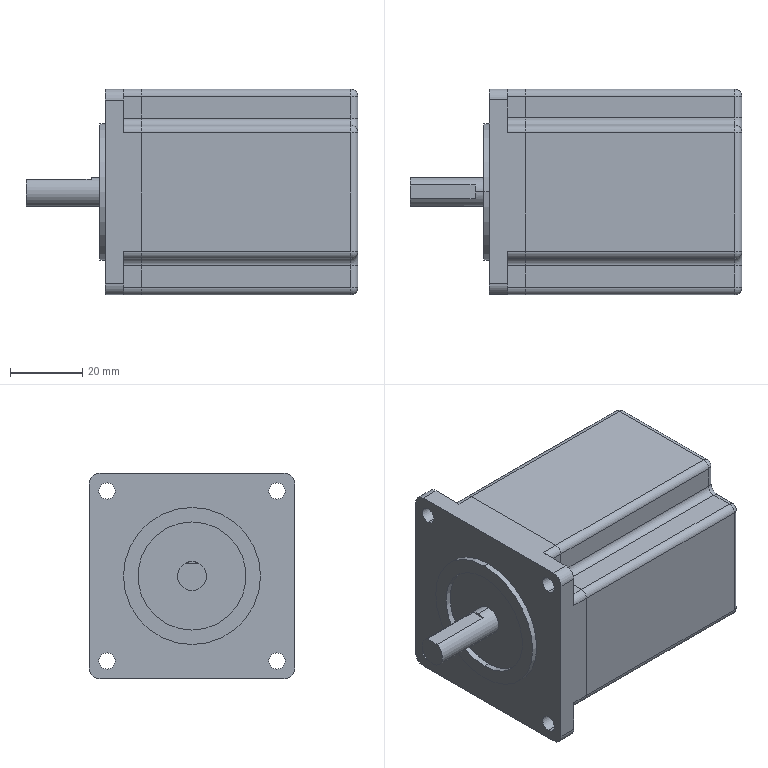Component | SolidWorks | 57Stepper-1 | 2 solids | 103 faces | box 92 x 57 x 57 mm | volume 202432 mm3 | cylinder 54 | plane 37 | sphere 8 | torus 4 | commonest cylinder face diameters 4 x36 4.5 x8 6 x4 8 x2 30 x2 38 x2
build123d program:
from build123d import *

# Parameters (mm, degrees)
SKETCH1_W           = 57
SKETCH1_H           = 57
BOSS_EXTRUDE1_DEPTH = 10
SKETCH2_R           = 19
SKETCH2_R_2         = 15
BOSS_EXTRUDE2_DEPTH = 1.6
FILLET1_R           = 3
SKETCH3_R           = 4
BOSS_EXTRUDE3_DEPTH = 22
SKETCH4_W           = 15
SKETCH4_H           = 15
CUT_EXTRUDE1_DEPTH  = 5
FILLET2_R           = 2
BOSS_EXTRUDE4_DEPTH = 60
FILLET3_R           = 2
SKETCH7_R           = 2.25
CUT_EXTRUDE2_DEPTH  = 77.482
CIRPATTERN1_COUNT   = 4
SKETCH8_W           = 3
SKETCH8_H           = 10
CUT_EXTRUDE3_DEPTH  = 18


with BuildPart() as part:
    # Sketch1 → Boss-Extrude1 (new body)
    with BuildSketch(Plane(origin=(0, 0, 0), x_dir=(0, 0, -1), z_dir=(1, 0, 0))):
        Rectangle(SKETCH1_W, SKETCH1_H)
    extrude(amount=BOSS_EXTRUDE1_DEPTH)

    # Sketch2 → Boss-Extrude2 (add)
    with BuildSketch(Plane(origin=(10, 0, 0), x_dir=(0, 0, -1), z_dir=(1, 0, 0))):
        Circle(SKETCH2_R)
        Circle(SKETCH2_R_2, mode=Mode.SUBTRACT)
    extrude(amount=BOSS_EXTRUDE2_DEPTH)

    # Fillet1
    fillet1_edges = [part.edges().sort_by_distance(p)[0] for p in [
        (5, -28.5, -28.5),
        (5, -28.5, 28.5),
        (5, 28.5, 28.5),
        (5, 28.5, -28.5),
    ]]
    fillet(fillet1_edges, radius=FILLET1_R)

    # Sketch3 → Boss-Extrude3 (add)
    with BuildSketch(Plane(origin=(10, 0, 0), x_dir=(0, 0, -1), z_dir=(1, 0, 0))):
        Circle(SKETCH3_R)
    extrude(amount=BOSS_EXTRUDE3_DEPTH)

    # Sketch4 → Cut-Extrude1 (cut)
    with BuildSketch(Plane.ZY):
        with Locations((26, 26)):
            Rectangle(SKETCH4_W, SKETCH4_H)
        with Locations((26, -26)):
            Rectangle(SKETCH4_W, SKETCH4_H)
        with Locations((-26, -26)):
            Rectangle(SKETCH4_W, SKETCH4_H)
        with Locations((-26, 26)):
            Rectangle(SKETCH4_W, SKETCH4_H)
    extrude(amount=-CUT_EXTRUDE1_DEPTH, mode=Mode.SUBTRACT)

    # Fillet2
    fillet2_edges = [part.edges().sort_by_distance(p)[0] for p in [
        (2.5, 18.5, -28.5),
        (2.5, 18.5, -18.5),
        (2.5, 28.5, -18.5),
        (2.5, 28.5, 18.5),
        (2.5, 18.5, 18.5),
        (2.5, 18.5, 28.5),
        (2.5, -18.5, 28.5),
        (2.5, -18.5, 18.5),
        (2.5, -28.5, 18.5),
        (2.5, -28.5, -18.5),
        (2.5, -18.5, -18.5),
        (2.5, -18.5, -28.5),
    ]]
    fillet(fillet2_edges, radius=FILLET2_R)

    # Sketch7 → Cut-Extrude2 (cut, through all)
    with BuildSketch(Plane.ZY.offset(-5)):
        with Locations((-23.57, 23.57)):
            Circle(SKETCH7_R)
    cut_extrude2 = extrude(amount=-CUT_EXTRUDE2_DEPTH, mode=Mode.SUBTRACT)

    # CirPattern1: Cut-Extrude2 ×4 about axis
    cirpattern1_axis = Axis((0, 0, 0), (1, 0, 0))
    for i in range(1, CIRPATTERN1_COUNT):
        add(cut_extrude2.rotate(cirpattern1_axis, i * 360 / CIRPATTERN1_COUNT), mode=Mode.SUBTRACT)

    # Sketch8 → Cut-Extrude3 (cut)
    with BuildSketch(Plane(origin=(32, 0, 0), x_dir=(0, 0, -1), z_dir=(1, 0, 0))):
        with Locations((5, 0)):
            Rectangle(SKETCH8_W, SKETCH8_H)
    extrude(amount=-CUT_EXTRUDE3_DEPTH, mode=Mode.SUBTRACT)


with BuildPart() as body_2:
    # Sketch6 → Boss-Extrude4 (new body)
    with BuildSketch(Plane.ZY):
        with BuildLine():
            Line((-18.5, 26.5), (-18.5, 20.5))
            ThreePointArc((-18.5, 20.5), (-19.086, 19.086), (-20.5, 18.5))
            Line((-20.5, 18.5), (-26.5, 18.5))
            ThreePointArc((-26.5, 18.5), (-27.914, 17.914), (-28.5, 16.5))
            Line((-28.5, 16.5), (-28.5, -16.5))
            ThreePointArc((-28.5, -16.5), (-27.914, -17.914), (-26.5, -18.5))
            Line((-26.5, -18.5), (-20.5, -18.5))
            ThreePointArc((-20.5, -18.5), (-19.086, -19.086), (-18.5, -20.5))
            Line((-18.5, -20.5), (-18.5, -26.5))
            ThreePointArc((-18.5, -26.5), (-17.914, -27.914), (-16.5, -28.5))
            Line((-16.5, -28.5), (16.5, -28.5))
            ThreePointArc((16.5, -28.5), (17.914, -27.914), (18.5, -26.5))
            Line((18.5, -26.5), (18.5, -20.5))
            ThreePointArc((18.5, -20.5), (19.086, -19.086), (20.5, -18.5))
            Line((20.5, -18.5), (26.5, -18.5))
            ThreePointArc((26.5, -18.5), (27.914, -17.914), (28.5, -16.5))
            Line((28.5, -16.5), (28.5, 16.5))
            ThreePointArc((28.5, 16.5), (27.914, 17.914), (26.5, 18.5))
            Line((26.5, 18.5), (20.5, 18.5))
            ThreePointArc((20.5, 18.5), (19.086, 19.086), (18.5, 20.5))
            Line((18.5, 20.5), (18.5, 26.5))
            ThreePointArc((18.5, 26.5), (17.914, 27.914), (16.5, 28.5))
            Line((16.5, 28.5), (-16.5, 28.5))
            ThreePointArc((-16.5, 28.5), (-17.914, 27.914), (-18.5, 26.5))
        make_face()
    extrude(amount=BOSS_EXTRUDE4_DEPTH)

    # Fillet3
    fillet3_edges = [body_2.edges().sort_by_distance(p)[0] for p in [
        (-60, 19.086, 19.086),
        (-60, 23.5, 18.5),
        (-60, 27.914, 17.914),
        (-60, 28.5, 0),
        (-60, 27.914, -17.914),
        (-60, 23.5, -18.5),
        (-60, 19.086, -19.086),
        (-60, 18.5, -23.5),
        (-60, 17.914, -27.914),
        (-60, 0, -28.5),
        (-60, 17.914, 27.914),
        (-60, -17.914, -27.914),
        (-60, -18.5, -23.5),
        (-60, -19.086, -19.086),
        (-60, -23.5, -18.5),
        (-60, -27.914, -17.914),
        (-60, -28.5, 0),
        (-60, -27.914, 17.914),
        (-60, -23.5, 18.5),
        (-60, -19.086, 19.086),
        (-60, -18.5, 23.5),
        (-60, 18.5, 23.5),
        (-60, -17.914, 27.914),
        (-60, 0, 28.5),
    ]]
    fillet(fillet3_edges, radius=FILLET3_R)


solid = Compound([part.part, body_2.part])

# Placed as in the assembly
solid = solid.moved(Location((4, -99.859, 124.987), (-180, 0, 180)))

☆ ☆ ☆ ☆ ☆ ☆ ☆

WORK REQUEST: Each line above should be set down exactly as written, with pictures excluded.

PROBLEM SOLUTION:
Component | SolidWorks | 57Stepper-1 | 2 solids | 103 faces | box 92 x 57 x 57 mm | volume 202432 mm3 | cylinder 54 | plane 37 | sphere 8 | torus 4 | commonest cylinder face diameters 4 x36 4.5 x8 6 x4 8 x2 30 x2 38 x2
build123d program:
from build123d import *

# Parameters (mm, degrees)
SKETCH1_W           = 57
SKETCH1_H           = 57
BOSS_EXTRUDE1_DEPTH = 10
SKETCH2_R           = 19
SKETCH2_R_2         = 15
BOSS_EXTRUDE2_DEPTH = 1.6
FILLET1_R           = 3
SKETCH3_R           = 4
BOSS_EXTRUDE3_DEPTH = 22
SKETCH4_W           = 15
SKETCH4_H           = 15
CUT_EXTRUDE1_DEPTH  = 5
FILLET2_R           = 2
BOSS_EXTRUDE4_DEPTH = 60
FILLET3_R           = 2
SKETCH7_R           = 2.25
CUT_EXTRUDE2_DEPTH  = 77.482
CIRPATTERN1_COUNT   = 4
SKETCH8_W           = 3
SKETCH8_H           = 10
CUT_EXTRUDE3_DEPTH  = 18


with BuildPart() as part:
    # Sketch1 → Boss-Extrude1 (new body)
    with BuildSketch(Plane(origin=(0, 0, 0), x_dir=(0, 0, -1), z_dir=(1, 0, 0))):
        Rectangle(SKETCH1_W, SKETCH1_H)
    extrude(amount=BOSS_EXTRUDE1_DEPTH)

    # Sketch2 → Boss-Extrude2 (add)
    with BuildSketch(Plane(origin=(10, 0, 0), x_dir=(0, 0, -1), z_dir=(1, 0, 0))):
        Circle(SKETCH2_R)
        Circle(SKETCH2_R_2, mode=Mode.SUBTRACT)
    extrude(amount=BOSS_EXTRUDE2_DEPTH)

    # Fillet1
    fillet1_edges = [part.edges().sort_by_distance(p)[0] for p in [
        (5, -28.5, -28.5),
        (5, -28.5, 28.5),
        (5, 28.5, 28.5),
        (5, 28.5, -28.5),
    ]]
    fillet(fillet1_edges, radius=FILLET1_R)

    # Sketch3 → Boss-Extrude3 (add)
    with BuildSketch(Plane(origin=(10, 0, 0), x_dir=(0, 0, -1), z_dir=(1, 0, 0))):
        Circle(SKETCH3_R)
    extrude(amount=BOSS_EXTRUDE3_DEPTH)

    # Sketch4 → Cut-Extrude1 (cut)
    with BuildSketch(Plane.ZY):
        with Locations((26, 26)):
            Rectangle(SKETCH4_W, SKETCH4_H)
        with Locations((26, -26)):
            Rectangle(SKETCH4_W, SKETCH4_H)
        with Locations((-26, -26)):
            Rectangle(SKETCH4_W, SKETCH4_H)
        with Locations((-26, 26)):
            Rectangle(SKETCH4_W, SKETCH4_H)
    extrude(amount=-CUT_EXTRUDE1_DEPTH, mode=Mode.SUBTRACT)

    # Fillet2
    fillet2_edges = [part.edges().sort_by_distance(p)[0] for p in [
        (2.5, 18.5, -28.5),
        (2.5, 18.5, -18.5),
        (2.5, 28.5, -18.5),
        (2.5, 28.5, 18.5),
        (2.5, 18.5, 18.5),
        (2.5, 18.5, 28.5),
        (2.5, -18.5, 28.5),
        (2.5, -18.5, 18.5),
        (2.5, -28.5, 18.5),
        (2.5, -28.5, -18.5),
        (2.5, -18.5, -18.5),
        (2.5, -18.5, -28.5),
    ]]
    fillet(fillet2_edges, radius=FILLET2_R)

    # Sketch7 → Cut-Extrude2 (cut, through all)
    with BuildSketch(Plane.ZY.offset(-5)):
        with Locations((-23.57, 23.57)):
            Circle(SKETCH7_R)
    cut_extrude2 = extrude(amount=-CUT_EXTRUDE2_DEPTH, mode=Mode.SUBTRACT)

    # CirPattern1: Cut-Extrude2 ×4 about axis
    cirpattern1_axis = Axis((0, 0, 0), (1, 0, 0))
    for i in range(1, CIRPATTERN1_COUNT):
        add(cut_extrude2.rotate(cirpattern1_axis, i * 360 / CIRPATTERN1_COUNT), mode=Mode.SUBTRACT)

    # Sketch8 → Cut-Extrude3 (cut)
    with BuildSketch(Plane(origin=(32, 0, 0), x_dir=(0, 0, -1), z_dir=(1, 0, 0))):
        with Locations((5, 0)):
            Rectangle(SKETCH8_W, SKETCH8_H)
    extrude(amount=-CUT_EXTRUDE3_DEPTH, mode=Mode.SUBTRACT)


with BuildPart() as body_2:
    # Sketch6 → Boss-Extrude4 (new body)
    with BuildSketch(Plane.ZY):
        with BuildLine():
            Line((-18.5, 26.5), (-18.5, 20.5))
            ThreePointArc((-18.5, 20.5), (-19.086, 19.086), (-20.5, 18.5))
            Line((-20.5, 18.5), (-26.5, 18.5))
            ThreePointArc((-26.5, 18.5), (-27.914, 17.914), (-28.5, 16.5))
            Line((-28.5, 16.5), (-28.5, -16.5))
            ThreePointArc((-28.5, -16.5), (-27.914, -17.914), (-26.5, -18.5))
            Line((-26.5, -18.5), (-20.5, -18.5))
            ThreePointArc((-20.5, -18.5), (-19.086, -19.086), (-18.5, -20.5))
            Line((-18.5, -20.5), (-18.5, -26.5))
            ThreePointArc((-18.5, -26.5), (-17.914, -27.914), (-16.5, -28.5))
            Line((-16.5, -28.5), (16.5, -28.5))
            ThreePointArc((16.5, -28.5), (17.914, -27.914), (18.5, -26.5))
            Line((18.5, -26.5), (18.5, -20.5))
            ThreePointArc((18.5, -20.5), (19.086, -19.086), (20.5, -18.5))
            Line((20.5, -18.5), (26.5, -18.5))
            ThreePointArc((26.5, -18.5), (27.914, -17.914), (28.5, -16.5))
            Line((28.5, -16.5), (28.5, 16.5))
            ThreePointArc((28.5, 16.5), (27.914, 17.914), (26.5, 18.5))
            Line((26.5, 18.5), (20.5, 18.5))
            ThreePointArc((20.5, 18.5), (19.086, 19.086), (18.5, 20.5))
            Line((18.5, 20.5), (18.5, 26.5))
            ThreePointArc((18.5, 26.5), (17.914, 27.914), (16.5, 28.5))
            Line((16.5, 28.5), (-16.5, 28.5))
            ThreePointArc((-16.5, 28.5), (-17.914, 27.914), (-18.5, 26.5))
        make_face()
    extrude(amount=BOSS_EXTRUDE4_DEPTH)

    # Fillet3
    fillet3_edges = [body_2.edges().sort_by_distance(p)[0] for p in [
        (-60, 19.086, 19.086),
        (-60, 23.5, 18.5),
        (-60, 27.914, 17.914),
        (-60, 28.5, 0),
        (-60, 27.914, -17.914),
        (-60, 23.5, -18.5),
        (-60, 19.086, -19.086),
        (-60, 18.5, -23.5),
        (-60, 17.914, -27.914),
        (-60, 0, -28.5),
        (-60, 17.914, 27.914),
        (-60, -17.914, -27.914),
        (-60, -18.5, -23.5),
        (-60, -19.086, -19.086),
        (-60, -23.5, -18.5),
        (-60, -27.914, -17.914),
        (-60, -28.5, 0),
        (-60, -27.914, 17.914),
        (-60, -23.5, 18.5),
        (-60, -19.086, 19.086),
        (-60, -18.5, 23.5),
        (-60, 18.5, 23.5),
        (-60, -17.914, 27.914),
        (-60, 0, 28.5),
    ]]
    fillet(fillet3_edges, radius=FILLET3_R)


solid = Compound([part.part, body_2.part])

# Placed as in the assembly
solid = solid.moved(Location((4, -99.859, 124.987), (-180, 0, 180)))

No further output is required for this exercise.